- **WHAT THIS TASK INVOLVES**: From the first line of the listing below to the line with "#4=AXIS2_PLACEMENT_3D('',#1,#2,#3);", print each line exactly, and nothing more. Leave out the pictures.

- **EXERCISE INPUTS**:
<<<<
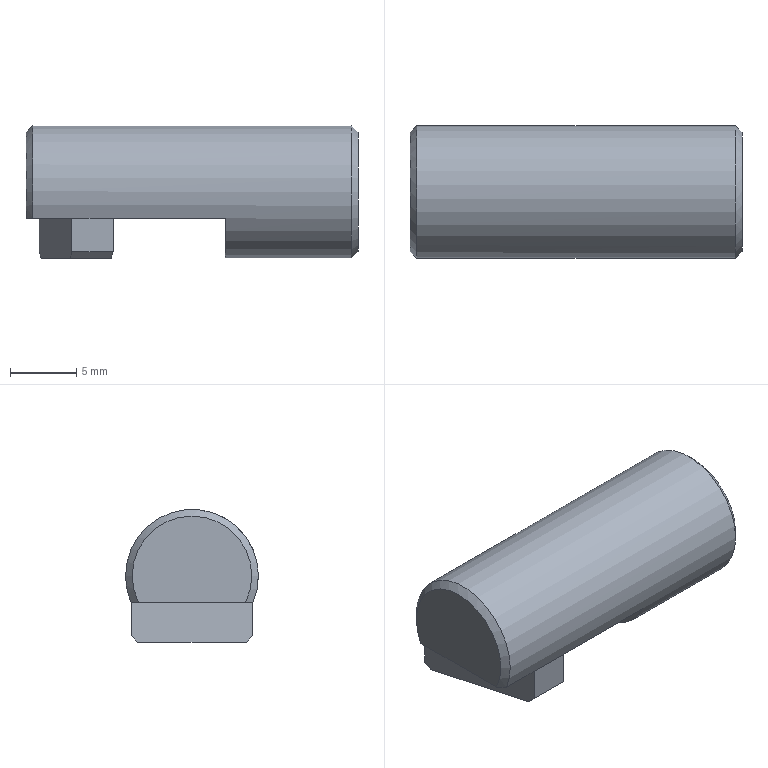Component | NX | GUIDE_PILLAR_B | 1 solid | 15 faces | box 25 x 10 x 10 mm | volume 1745 mm3 | plane 12 | cone 2 | cylinder 1 | commonest cylinder face diameters 10 x1
STEP:
#1=CARTESIAN_POINT('',(0.,0.,0.));
#2=DIRECTION('',(0.,0.,1.));
#3=DIRECTION('',(1.,0.,0.));
#4=AXIS2_PLACEMENT_3D('',#1,#2,#3);
#5=CARTESIAN_POINT('',(-78.542,99.583,86.5));
#6=VERTEX_POINT('',#5);
#7=CARTESIAN_POINT('',(-76.086,90.417,86.5));
#8=VERTEX_POINT('',#7);
#9=CARTESIAN_POINT('',(-78.542,99.583,86.5));
#10=DIRECTION('',(0.2588,-0.9659,0.));
#11=VECTOR('',#10,1.);
#12=LINE('',#9,#11);
#13=CARTESIAN_POINT('',(-67.647,89.2,86.5));
#14=DIRECTION('',(0.,0.,1.));
#15=DIRECTION('',(1.,0.,0.));
#16=AXIS2_PLACEMENT_3D('',#13,#14,#15);
#17=PLANE('',#16);
#18=CARTESIAN_POINT('',(-10.894,10.383));
#19=DIRECTION('',(0.2588,-0.9659));
#20=VECTOR('',#19,1.);
#21=LINE('',#18,#20);
#22=(GEOMETRIC_REPRESENTATION_CONTEXT(2)PARAMETRIC_REPRESENTATION_CONTEXT()REPRESENTATION_CONTEXT('',''));
#23=DEFINITIONAL_REPRESENTATION('',(#21),#22);
#24=PCURVE('',#17,#23);
#25=CARTESIAN_POINT('',(-78.542,99.583,83.5));
#26=DIRECTION('',(-0.9659,-0.2588,0.));
#27=DIRECTION('',(0.2588,-0.9659,0.));
#28=AXIS2_PLACEMENT_3D('',#25,#26,#27);
#29=PLANE('',#28);
#30=CARTESIAN_POINT('',(0.,3.));
#31=DIRECTION('',(1.,0.));
#32=VECTOR('',#31,1.);
#33=LINE('',#30,#32);
#34=(GEOMETRIC_REPRESENTATION_CONTEXT(2)PARAMETRIC_REPRESENTATION_CONTEXT()REPRESENTATION_CONTEXT('',''));
#35=DEFINITIONAL_REPRESENTATION('',(#33),#34);
#36=PCURVE('',#29,#35);
#37=SURFACE_CURVE('',#12,(#24,#36),.PCURVE_S1.);
#38=EDGE_CURVE('',#6,#8,#37,.T.);
#39=ORIENTED_EDGE('',*,*,#38,.F.);
#40=CARTESIAN_POINT('',(-67.647,99.583,86.5));
#41=VERTEX_POINT('',#40);
#42=CARTESIAN_POINT('',(-82.647,99.583,86.5));
#43=DIRECTION('',(1.,0.,0.));
#44=VECTOR('',#43,1.);
#45=LINE('',#42,#44);
#46=CARTESIAN_POINT('',(-15.,10.383));
#47=DIRECTION('',(1.,0.));
#48=VECTOR('',#47,1.);
#49=LINE('',#46,#48);
#50=(GEOMETRIC_REPRESENTATION_CONTEXT(2)PARAMETRIC_REPRESENTATION_CONTEXT()REPRESENTATION_CONTEXT('',''));
#51=DEFINITIONAL_REPRESENTATION('',(#49),#50);
#52=PCURVE('',#17,#51);
#53=CARTESIAN_POINT('',(-82.647,95.,88.5));
#54=DIRECTION('',(1.,0.,0.));
#55=DIRECTION('',(0.,1.,0.));
#56=AXIS2_PLACEMENT_3D('',#53,#54,#55);
#57=CYLINDRICAL_SURFACE('',#56,5.);
#58=CARTESIAN_POINT('',(5.872,0.));
#59=DIRECTION('',(0.,1.));
#60=VECTOR('',#59,1.);
#61=LINE('',#58,#60);
#62=(GEOMETRIC_REPRESENTATION_CONTEXT(2)PARAMETRIC_REPRESENTATION_CONTEXT()REPRESENTATION_CONTEXT('',''));
#63=DEFINITIONAL_REPRESENTATION('',(#61),#62);
#64=PCURVE('',#57,#63);
#65=SURFACE_CURVE('',#45,(#52,#64),.PCURVE_S1.);
#66=EDGE_CURVE('',#6,#41,#65,.T.);
#67=ORIENTED_EDGE('',*,*,#66,.T.);
#68=CARTESIAN_POINT('',(-67.647,90.417,86.5));
#69=VERTEX_POINT('',#68);
#70=CARTESIAN_POINT('',(-67.647,89.2,86.5));
#71=DIRECTION('',(0.,-1.,0.));
#72=VECTOR('',#71,1.);
#73=LINE('',#70,#72);
#74=CARTESIAN_POINT('',(0.,0.));
#75=DIRECTION('',(0.,-1.));
#76=VECTOR('',#75,1.);
#77=LINE('',#74,#76);
#78=(GEOMETRIC_REPRESENTATION_CONTEXT(2)PARAMETRIC_REPRESENTATION_CONTEXT()REPRESENTATION_CONTEXT('',''));
#79=DEFINITIONAL_REPRESENTATION('',(#77),#78);
#80=PCURVE('',#17,#79);
#81=CARTESIAN_POINT('',(-67.647,95.,88.5));
#82=DIRECTION('',(-1.,0.,0.));
#83=DIRECTION('',(0.,-1.,0.));
#84=AXIS2_PLACEMENT_3D('',#81,#82,#83);
#85=PLANE('',#84);
#86=CARTESIAN_POINT('',(5.8,-2.));
#87=DIRECTION('',(1.,0.));
#88=VECTOR('',#87,1.);
#89=LINE('',#86,#88);
#90=(GEOMETRIC_REPRESENTATION_CONTEXT(2)PARAMETRIC_REPRESENTATION_CONTEXT()REPRESENTATION_CONTEXT('',''));
#91=DEFINITIONAL_REPRESENTATION('',(#89),#90);
#92=PCURVE('',#85,#91);
#93=SURFACE_CURVE('',#73,(#80,#92),.PCURVE_S1.);
#94=EDGE_CURVE('',#41,#69,#93,.T.);
#95=ORIENTED_EDGE('',*,*,#94,.T.);
#96=CARTESIAN_POINT('',(-82.647,90.417,86.5));
#97=DIRECTION('',(-1.,0.,0.));
#98=VECTOR('',#97,1.);
#99=LINE('',#96,#98);
#100=CARTESIAN_POINT('',(-15.,1.217));
#101=DIRECTION('',(-1.,0.));
#102=VECTOR('',#101,1.);
#103=LINE('',#100,#102);
#104=(GEOMETRIC_REPRESENTATION_CONTEXT(2)PARAMETRIC_REPRESENTATION_CONTEXT()REPRESENTATION_CONTEXT('',''));
#105=DEFINITIONAL_REPRESENTATION('',(#103),#104);
#106=PCURVE('',#17,#105);
#107=CARTESIAN_POINT('',(3.553,0.));
#108=DIRECTION('',(0.,-1.));
#109=VECTOR('',#108,1.);
#110=LINE('',#107,#109);
#111=(GEOMETRIC_REPRESENTATION_CONTEXT(2)PARAMETRIC_REPRESENTATION_CONTEXT()REPRESENTATION_CONTEXT('',''));
#112=DEFINITIONAL_REPRESENTATION('',(#110),#111);
#113=PCURVE('',#57,#112);
#114=SURFACE_CURVE('',#99,(#106,#113),.PCURVE_S1.);
#115=EDGE_CURVE('',#69,#8,#114,.T.);
#116=ORIENTED_EDGE('',*,*,#115,.T.);
#117=EDGE_LOOP('',(#39,#67,#95,#116));
#118=FACE_BOUND('',#117,.T.);
#119=ADVANCED_FACE('',(#118),#17,.F.);
#120=CARTESIAN_POINT('',(-79.192,90.417,86.5));
#121=VERTEX_POINT('',#120);
#122=CARTESIAN_POINT('',(-81.647,99.583,86.5));
#123=VERTEX_POINT('',#122);
#124=CARTESIAN_POINT('',(-79.192,90.417,86.5));
#125=DIRECTION('',(-0.2588,0.9659,0.));
#126=VECTOR('',#125,1.);
#127=LINE('',#124,#126);
#128=CARTESIAN_POINT('',(-67.647,89.2,86.5));
#129=DIRECTION('',(0.,0.,1.));
#130=DIRECTION('',(1.,0.,0.));
#131=AXIS2_PLACEMENT_3D('',#128,#129,#130);
#132=PLANE('',#131);
#133=CARTESIAN_POINT('',(-11.544,1.217));
#134=DIRECTION('',(-0.2588,0.9659));
#135=VECTOR('',#134,1.);
#136=LINE('',#133,#135);
#137=(GEOMETRIC_REPRESENTATION_CONTEXT(2)PARAMETRIC_REPRESENTATION_CONTEXT()REPRESENTATION_CONTEXT('',''));
#138=DEFINITIONAL_REPRESENTATION('',(#136),#137);
#139=PCURVE('',#132,#138);
#140=CARTESIAN_POINT('',(-79.192,90.417,83.5));
#141=DIRECTION('',(0.9659,0.2588,0.));
#142=DIRECTION('',(-0.2588,0.9659,0.));
#143=AXIS2_PLACEMENT_3D('',#140,#141,#142);
#144=PLANE('',#143);
#145=CARTESIAN_POINT('',(0.,3.));
#146=DIRECTION('',(1.,0.));
#147=VECTOR('',#146,1.);
#148=LINE('',#145,#147);
#149=(GEOMETRIC_REPRESENTATION_CONTEXT(2)PARAMETRIC_REPRESENTATION_CONTEXT()REPRESENTATION_CONTEXT('',''));
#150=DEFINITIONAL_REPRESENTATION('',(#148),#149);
>>>>
- **SOLUTION BELOW**:
Component | NX | GUIDE_PILLAR_B | 1 solid | 15 faces | box 25 x 10 x 10 mm | volume 1745 mm3 | plane 12 | cone 2 | cylinder 1 | commonest cylinder face diameters 10 x1
STEP:
#1=CARTESIAN_POINT('',(0.,0.,0.));
#2=DIRECTION('',(0.,0.,1.));
#3=DIRECTION('',(1.,0.,0.));
#4=AXIS2_PLACEMENT_3D('',#1,#2,#3);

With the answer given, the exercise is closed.